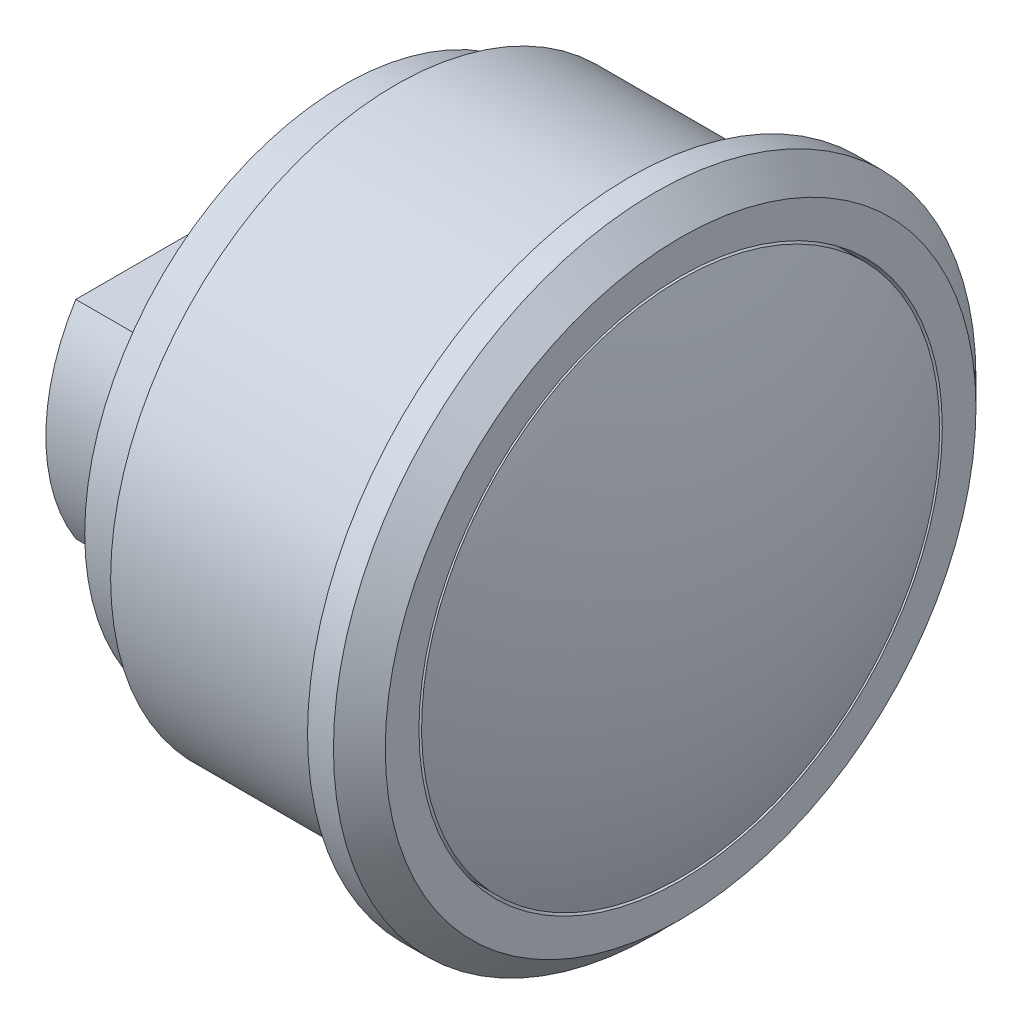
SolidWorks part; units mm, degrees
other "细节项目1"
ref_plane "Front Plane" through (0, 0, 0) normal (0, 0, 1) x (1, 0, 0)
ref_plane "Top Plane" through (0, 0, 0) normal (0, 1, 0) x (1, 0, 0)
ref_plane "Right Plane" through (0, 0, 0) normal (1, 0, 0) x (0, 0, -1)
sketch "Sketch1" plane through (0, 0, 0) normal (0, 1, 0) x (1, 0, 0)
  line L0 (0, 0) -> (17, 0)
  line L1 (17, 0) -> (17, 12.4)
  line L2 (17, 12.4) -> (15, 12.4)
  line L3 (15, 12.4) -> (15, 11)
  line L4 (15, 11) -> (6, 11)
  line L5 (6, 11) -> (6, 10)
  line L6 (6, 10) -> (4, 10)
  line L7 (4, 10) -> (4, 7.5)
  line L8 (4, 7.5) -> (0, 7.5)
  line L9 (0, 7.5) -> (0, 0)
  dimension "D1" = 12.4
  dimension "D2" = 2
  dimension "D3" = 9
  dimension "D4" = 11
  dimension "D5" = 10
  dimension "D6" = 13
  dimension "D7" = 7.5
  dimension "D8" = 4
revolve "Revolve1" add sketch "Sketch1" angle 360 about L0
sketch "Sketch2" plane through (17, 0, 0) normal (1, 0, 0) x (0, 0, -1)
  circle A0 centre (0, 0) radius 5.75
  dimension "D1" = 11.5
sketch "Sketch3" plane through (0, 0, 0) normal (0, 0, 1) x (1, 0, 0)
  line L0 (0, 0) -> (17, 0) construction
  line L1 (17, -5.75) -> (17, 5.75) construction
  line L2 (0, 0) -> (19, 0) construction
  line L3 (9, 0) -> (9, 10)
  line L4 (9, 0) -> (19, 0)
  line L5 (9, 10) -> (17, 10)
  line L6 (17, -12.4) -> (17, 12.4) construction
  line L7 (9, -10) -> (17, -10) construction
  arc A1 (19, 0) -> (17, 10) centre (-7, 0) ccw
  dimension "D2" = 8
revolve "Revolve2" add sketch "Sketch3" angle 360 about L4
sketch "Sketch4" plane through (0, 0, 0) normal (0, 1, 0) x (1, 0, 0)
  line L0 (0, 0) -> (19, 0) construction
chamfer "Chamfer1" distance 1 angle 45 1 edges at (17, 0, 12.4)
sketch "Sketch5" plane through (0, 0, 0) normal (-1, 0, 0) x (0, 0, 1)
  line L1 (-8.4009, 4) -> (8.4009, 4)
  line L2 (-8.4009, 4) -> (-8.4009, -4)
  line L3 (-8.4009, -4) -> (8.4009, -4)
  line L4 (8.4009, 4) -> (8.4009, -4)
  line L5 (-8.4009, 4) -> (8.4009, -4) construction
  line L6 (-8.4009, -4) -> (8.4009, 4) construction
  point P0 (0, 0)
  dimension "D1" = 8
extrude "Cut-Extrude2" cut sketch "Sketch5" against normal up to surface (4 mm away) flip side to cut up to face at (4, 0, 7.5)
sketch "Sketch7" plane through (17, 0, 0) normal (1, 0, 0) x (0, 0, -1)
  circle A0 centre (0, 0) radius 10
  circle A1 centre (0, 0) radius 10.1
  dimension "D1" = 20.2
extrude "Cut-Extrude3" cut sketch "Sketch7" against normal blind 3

▸ **Task details**:
Report every line in the data that holds "normal", copying each one.

▸ **Result for this task**:
ref_plane "Front Plane" through (0, 0, 0) normal (0, 0, 1) x (1, 0, 0)
ref_plane "Top Plane" through (0, 0, 0) normal (0, 1, 0) x (1, 0, 0)
ref_plane "Right Plane" through (0, 0, 0) normal (1, 0, 0) x (0, 0, -1)
sketch "Sketch1" plane through (0, 0, 0) normal (0, 1, 0) x (1, 0, 0)
sketch "Sketch2" plane through (17, 0, 0) normal (1, 0, 0) x (0, 0, -1)
sketch "Sketch3" plane through (0, 0, 0) normal (0, 0, 1) x (1, 0, 0)
sketch "Sketch4" plane through (0, 0, 0) normal (0, 1, 0) x (1, 0, 0)
sketch "Sketch5" plane through (0, 0, 0) normal (-1, 0, 0) x (0, 0, 1)
extrude "Cut-Extrude2" cut sketch "Sketch5" against normal up to surface (4 mm away) flip side to cut up to face at (4, 0, 7.5)
sketch "Sketch7" plane through (17, 0, 0) normal (1, 0, 0) x (0, 0, -1)
extrude "Cut-Extrude3" cut sketch "Sketch7" against normal blind 3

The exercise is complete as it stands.